(Data entries)
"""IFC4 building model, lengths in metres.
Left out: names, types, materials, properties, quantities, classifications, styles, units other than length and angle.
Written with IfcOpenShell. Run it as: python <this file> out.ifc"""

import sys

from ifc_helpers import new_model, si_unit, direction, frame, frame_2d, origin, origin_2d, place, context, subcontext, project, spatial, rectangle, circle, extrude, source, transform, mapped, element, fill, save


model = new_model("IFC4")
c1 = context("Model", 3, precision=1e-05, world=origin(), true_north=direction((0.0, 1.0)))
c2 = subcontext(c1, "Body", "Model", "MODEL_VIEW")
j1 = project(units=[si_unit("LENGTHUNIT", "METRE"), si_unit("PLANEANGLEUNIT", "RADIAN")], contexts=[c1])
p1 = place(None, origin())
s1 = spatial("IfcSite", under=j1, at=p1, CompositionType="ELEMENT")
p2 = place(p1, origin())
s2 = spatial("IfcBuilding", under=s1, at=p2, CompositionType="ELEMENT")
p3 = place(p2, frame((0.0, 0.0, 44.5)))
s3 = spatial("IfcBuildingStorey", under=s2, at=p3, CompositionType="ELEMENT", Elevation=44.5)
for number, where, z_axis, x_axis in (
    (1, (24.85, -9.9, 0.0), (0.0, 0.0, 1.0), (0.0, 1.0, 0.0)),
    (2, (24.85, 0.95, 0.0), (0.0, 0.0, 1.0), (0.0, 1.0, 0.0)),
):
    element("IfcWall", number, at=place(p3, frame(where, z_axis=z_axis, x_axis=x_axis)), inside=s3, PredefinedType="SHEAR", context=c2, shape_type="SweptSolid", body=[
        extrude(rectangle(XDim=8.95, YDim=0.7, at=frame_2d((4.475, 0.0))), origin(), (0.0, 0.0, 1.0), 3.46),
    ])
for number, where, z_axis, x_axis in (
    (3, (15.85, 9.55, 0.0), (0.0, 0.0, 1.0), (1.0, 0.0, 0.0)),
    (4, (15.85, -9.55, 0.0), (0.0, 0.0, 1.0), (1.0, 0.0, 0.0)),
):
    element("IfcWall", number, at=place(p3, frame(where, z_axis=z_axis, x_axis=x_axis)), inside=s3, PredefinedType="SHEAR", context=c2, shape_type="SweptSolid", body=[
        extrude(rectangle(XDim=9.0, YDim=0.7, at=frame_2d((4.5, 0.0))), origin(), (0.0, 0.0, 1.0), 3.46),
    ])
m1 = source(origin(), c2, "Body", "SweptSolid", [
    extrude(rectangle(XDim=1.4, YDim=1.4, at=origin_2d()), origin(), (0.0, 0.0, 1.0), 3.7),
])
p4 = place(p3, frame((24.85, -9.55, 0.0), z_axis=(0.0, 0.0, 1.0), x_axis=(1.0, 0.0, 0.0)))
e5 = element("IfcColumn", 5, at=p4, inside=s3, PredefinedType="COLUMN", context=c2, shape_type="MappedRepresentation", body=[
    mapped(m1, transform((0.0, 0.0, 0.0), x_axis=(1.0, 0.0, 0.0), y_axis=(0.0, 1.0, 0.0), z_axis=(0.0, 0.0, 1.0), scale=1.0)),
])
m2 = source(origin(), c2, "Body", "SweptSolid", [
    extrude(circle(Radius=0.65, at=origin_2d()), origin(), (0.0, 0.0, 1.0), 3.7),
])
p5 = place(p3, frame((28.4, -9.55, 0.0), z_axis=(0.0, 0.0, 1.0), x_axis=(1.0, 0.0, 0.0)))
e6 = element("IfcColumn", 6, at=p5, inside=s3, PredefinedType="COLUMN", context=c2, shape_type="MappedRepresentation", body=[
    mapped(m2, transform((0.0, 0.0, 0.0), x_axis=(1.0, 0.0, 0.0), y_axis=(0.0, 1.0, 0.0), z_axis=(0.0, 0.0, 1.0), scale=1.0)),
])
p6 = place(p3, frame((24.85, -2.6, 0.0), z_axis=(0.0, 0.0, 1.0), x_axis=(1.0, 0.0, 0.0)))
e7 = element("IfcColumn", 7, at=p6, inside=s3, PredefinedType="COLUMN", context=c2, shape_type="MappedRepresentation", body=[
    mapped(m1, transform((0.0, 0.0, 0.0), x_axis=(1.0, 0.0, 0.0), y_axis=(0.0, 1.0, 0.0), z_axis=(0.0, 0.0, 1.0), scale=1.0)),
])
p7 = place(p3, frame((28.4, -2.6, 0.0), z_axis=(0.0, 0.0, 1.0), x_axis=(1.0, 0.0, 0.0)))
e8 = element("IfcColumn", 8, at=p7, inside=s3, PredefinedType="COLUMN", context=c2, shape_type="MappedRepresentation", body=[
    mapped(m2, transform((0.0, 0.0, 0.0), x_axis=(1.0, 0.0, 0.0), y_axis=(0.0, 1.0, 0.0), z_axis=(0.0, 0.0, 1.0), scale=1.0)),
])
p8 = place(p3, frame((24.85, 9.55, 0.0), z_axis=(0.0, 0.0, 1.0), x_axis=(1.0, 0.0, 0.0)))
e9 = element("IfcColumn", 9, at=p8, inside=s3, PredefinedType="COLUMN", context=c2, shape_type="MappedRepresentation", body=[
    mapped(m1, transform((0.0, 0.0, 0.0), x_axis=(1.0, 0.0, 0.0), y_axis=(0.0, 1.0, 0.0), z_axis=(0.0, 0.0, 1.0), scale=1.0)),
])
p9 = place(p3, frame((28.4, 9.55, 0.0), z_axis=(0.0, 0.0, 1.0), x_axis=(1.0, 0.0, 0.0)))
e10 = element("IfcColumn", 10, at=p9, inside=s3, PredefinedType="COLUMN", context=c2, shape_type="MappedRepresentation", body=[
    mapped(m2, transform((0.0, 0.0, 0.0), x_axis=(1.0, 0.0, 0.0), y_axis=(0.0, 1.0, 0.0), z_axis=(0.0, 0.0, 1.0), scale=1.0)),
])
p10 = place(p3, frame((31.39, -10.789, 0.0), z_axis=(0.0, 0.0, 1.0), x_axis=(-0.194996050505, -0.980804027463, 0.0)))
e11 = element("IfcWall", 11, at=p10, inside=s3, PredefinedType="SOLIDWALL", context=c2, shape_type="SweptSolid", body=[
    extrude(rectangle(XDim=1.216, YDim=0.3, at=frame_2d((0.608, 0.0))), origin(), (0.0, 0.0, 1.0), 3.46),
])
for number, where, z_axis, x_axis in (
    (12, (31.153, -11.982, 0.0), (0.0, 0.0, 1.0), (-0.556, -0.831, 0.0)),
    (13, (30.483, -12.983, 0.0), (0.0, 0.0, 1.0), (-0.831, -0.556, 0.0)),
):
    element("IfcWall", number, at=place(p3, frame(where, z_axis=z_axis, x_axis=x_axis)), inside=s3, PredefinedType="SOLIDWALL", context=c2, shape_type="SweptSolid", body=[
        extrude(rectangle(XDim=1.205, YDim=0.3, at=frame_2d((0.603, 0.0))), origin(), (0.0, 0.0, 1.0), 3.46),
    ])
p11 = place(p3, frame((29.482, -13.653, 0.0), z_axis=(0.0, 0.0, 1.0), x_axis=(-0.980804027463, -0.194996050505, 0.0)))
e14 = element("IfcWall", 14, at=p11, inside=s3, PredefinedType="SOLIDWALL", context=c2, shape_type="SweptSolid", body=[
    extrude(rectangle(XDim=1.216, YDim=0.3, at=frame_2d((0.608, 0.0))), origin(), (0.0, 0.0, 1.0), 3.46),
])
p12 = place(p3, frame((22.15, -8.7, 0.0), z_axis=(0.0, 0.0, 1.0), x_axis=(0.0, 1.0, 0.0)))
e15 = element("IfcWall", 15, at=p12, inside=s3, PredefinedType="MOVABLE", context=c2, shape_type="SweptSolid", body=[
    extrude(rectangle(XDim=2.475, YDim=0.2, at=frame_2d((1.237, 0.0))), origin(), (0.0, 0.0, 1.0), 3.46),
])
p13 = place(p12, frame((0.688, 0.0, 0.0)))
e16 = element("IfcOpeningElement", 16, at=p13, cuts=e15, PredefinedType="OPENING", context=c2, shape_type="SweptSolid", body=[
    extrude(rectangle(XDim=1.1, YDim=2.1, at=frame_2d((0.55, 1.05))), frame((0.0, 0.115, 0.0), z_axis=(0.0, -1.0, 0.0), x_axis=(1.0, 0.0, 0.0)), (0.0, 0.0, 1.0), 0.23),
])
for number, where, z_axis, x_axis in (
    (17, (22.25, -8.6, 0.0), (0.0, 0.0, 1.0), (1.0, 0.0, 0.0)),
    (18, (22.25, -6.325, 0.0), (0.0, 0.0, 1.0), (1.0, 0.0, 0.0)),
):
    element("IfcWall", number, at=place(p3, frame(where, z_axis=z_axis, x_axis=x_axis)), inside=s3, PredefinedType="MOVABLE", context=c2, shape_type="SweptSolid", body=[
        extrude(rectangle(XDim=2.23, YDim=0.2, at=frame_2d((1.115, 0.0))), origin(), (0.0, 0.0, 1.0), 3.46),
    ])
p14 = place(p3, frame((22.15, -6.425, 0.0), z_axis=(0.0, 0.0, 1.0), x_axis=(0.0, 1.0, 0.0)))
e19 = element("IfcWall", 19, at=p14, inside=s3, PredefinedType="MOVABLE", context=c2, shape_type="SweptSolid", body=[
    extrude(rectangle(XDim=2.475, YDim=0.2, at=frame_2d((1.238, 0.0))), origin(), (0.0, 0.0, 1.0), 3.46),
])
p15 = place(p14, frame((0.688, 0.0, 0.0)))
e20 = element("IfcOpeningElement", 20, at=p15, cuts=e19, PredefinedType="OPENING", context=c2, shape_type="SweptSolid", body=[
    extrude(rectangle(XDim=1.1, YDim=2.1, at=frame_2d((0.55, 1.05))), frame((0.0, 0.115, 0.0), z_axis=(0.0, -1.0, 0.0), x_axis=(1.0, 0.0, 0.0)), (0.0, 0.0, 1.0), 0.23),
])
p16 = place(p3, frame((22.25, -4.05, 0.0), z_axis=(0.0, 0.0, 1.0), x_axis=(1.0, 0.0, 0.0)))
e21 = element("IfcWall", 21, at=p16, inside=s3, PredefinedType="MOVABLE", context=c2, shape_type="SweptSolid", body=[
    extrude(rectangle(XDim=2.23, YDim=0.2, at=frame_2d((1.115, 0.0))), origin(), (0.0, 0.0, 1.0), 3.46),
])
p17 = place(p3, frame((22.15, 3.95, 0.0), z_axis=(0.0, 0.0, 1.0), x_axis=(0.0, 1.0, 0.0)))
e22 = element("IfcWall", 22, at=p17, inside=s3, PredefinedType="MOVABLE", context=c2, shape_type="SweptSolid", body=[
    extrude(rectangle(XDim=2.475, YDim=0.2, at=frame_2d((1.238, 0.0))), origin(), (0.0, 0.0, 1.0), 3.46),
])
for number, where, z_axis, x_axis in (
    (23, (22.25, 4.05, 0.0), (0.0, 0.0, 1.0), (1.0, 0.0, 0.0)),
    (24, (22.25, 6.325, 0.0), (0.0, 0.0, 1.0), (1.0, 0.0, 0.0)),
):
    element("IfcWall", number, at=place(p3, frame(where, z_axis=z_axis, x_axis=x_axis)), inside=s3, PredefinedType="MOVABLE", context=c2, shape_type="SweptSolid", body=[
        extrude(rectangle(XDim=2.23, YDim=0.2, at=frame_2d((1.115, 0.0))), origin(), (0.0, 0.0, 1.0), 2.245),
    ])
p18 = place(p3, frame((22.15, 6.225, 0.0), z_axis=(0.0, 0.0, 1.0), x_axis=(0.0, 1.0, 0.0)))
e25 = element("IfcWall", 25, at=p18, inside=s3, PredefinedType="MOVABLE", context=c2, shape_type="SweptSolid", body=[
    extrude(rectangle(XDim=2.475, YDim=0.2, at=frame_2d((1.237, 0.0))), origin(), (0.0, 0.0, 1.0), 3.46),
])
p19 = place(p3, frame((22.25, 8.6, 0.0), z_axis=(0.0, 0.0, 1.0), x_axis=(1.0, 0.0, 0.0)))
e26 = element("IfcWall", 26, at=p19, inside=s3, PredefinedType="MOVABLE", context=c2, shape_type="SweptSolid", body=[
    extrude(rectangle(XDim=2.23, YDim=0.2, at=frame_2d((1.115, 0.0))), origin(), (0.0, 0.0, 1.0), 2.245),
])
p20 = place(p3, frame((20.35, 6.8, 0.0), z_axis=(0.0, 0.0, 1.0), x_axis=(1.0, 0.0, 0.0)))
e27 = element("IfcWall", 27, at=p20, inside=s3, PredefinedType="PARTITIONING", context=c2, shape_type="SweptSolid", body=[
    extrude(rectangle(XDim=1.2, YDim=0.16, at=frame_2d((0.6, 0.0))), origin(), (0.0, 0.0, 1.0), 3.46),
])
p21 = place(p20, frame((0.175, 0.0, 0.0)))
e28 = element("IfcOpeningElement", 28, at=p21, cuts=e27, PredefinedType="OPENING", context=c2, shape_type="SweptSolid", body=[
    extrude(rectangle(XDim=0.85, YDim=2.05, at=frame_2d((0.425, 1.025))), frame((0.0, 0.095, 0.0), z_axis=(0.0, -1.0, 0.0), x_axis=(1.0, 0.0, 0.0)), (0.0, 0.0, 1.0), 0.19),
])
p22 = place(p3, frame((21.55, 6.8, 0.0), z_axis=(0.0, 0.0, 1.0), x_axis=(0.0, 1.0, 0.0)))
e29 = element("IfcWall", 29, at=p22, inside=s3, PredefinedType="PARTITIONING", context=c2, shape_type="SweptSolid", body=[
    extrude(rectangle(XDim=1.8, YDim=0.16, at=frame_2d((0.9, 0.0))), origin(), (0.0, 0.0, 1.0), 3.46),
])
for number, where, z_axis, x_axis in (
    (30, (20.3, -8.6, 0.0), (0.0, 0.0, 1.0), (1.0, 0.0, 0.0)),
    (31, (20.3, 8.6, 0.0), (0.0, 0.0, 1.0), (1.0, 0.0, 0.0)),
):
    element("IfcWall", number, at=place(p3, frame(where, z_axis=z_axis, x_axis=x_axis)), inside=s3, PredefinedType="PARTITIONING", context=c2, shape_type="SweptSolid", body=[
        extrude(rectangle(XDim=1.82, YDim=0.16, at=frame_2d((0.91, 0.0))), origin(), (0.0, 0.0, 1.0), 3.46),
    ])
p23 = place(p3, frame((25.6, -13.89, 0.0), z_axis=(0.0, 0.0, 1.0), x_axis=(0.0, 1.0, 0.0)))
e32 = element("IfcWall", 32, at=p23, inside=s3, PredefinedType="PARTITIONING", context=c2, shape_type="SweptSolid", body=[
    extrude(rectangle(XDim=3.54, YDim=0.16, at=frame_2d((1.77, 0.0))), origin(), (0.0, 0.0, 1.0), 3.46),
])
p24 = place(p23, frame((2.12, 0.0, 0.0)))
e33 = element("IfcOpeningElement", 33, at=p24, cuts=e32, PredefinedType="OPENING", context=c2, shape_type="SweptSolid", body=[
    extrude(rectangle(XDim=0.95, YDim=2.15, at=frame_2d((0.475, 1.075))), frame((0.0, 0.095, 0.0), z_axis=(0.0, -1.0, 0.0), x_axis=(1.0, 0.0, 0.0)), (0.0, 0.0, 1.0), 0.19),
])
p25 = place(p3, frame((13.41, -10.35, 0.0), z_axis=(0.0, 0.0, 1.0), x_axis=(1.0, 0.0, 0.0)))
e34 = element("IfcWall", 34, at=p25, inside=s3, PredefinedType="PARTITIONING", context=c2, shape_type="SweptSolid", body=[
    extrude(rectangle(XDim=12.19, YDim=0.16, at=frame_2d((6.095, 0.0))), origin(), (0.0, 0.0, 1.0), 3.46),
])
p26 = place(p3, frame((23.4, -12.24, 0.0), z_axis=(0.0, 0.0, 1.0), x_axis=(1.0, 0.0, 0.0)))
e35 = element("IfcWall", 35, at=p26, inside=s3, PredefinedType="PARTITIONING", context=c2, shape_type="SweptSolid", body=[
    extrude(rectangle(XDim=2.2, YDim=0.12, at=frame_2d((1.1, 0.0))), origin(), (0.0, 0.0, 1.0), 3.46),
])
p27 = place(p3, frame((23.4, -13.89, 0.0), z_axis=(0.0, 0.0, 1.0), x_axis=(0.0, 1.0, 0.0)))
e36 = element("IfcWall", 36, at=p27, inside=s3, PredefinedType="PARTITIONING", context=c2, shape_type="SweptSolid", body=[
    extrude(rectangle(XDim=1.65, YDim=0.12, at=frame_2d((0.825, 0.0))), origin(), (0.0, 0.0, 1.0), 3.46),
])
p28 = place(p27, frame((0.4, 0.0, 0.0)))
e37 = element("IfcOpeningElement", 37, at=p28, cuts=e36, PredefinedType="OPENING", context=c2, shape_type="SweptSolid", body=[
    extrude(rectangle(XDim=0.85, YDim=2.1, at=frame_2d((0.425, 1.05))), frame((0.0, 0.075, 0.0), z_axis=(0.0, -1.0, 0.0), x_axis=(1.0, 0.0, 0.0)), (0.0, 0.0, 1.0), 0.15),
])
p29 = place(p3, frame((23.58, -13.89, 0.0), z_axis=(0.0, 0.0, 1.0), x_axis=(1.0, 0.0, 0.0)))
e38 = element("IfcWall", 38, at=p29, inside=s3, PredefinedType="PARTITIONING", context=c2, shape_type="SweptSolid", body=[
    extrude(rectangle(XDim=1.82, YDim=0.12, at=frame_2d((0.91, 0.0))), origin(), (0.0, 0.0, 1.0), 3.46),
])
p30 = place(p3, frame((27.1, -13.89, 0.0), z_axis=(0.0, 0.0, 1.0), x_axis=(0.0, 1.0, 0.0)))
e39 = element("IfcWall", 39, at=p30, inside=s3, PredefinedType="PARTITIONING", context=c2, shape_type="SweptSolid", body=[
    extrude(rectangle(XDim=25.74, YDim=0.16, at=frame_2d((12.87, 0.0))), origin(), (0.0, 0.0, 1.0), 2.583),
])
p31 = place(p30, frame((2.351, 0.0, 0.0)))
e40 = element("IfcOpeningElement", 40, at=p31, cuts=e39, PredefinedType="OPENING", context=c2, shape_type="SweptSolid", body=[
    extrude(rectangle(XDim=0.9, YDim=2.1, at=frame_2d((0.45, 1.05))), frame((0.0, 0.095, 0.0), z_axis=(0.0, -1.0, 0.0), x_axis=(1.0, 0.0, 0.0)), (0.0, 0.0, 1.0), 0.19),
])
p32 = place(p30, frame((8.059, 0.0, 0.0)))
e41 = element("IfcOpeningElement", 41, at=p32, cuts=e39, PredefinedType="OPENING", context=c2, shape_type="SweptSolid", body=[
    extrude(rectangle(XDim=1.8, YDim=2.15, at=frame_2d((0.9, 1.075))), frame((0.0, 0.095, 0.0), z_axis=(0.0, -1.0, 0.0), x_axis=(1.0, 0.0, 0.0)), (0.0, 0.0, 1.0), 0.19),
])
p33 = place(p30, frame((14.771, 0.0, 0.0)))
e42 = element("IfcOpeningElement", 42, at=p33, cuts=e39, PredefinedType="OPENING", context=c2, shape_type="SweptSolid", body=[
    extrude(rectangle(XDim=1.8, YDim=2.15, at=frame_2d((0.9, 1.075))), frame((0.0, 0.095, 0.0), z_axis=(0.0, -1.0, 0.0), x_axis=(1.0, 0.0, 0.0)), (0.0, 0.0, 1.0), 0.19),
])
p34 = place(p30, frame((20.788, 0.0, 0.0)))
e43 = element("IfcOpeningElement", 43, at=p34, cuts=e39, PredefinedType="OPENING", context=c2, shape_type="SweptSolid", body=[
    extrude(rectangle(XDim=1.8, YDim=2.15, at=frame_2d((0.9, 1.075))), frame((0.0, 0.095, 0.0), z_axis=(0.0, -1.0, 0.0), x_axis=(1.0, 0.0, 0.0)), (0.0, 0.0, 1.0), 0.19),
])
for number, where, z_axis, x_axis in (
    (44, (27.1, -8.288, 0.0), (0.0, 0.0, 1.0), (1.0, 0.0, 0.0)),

**Task requirements**
Copy each line from the data that features the string "CompositionType".

**Answer box**
s1 = spatial("IfcSite", under=j1, at=p1, CompositionType="ELEMENT")
s2 = spatial("IfcBuilding", under=s1, at=p2, CompositionType="ELEMENT")
s3 = spatial("IfcBuildingStorey", under=s2, at=p3, CompositionType="ELEMENT", Elevation=44.5)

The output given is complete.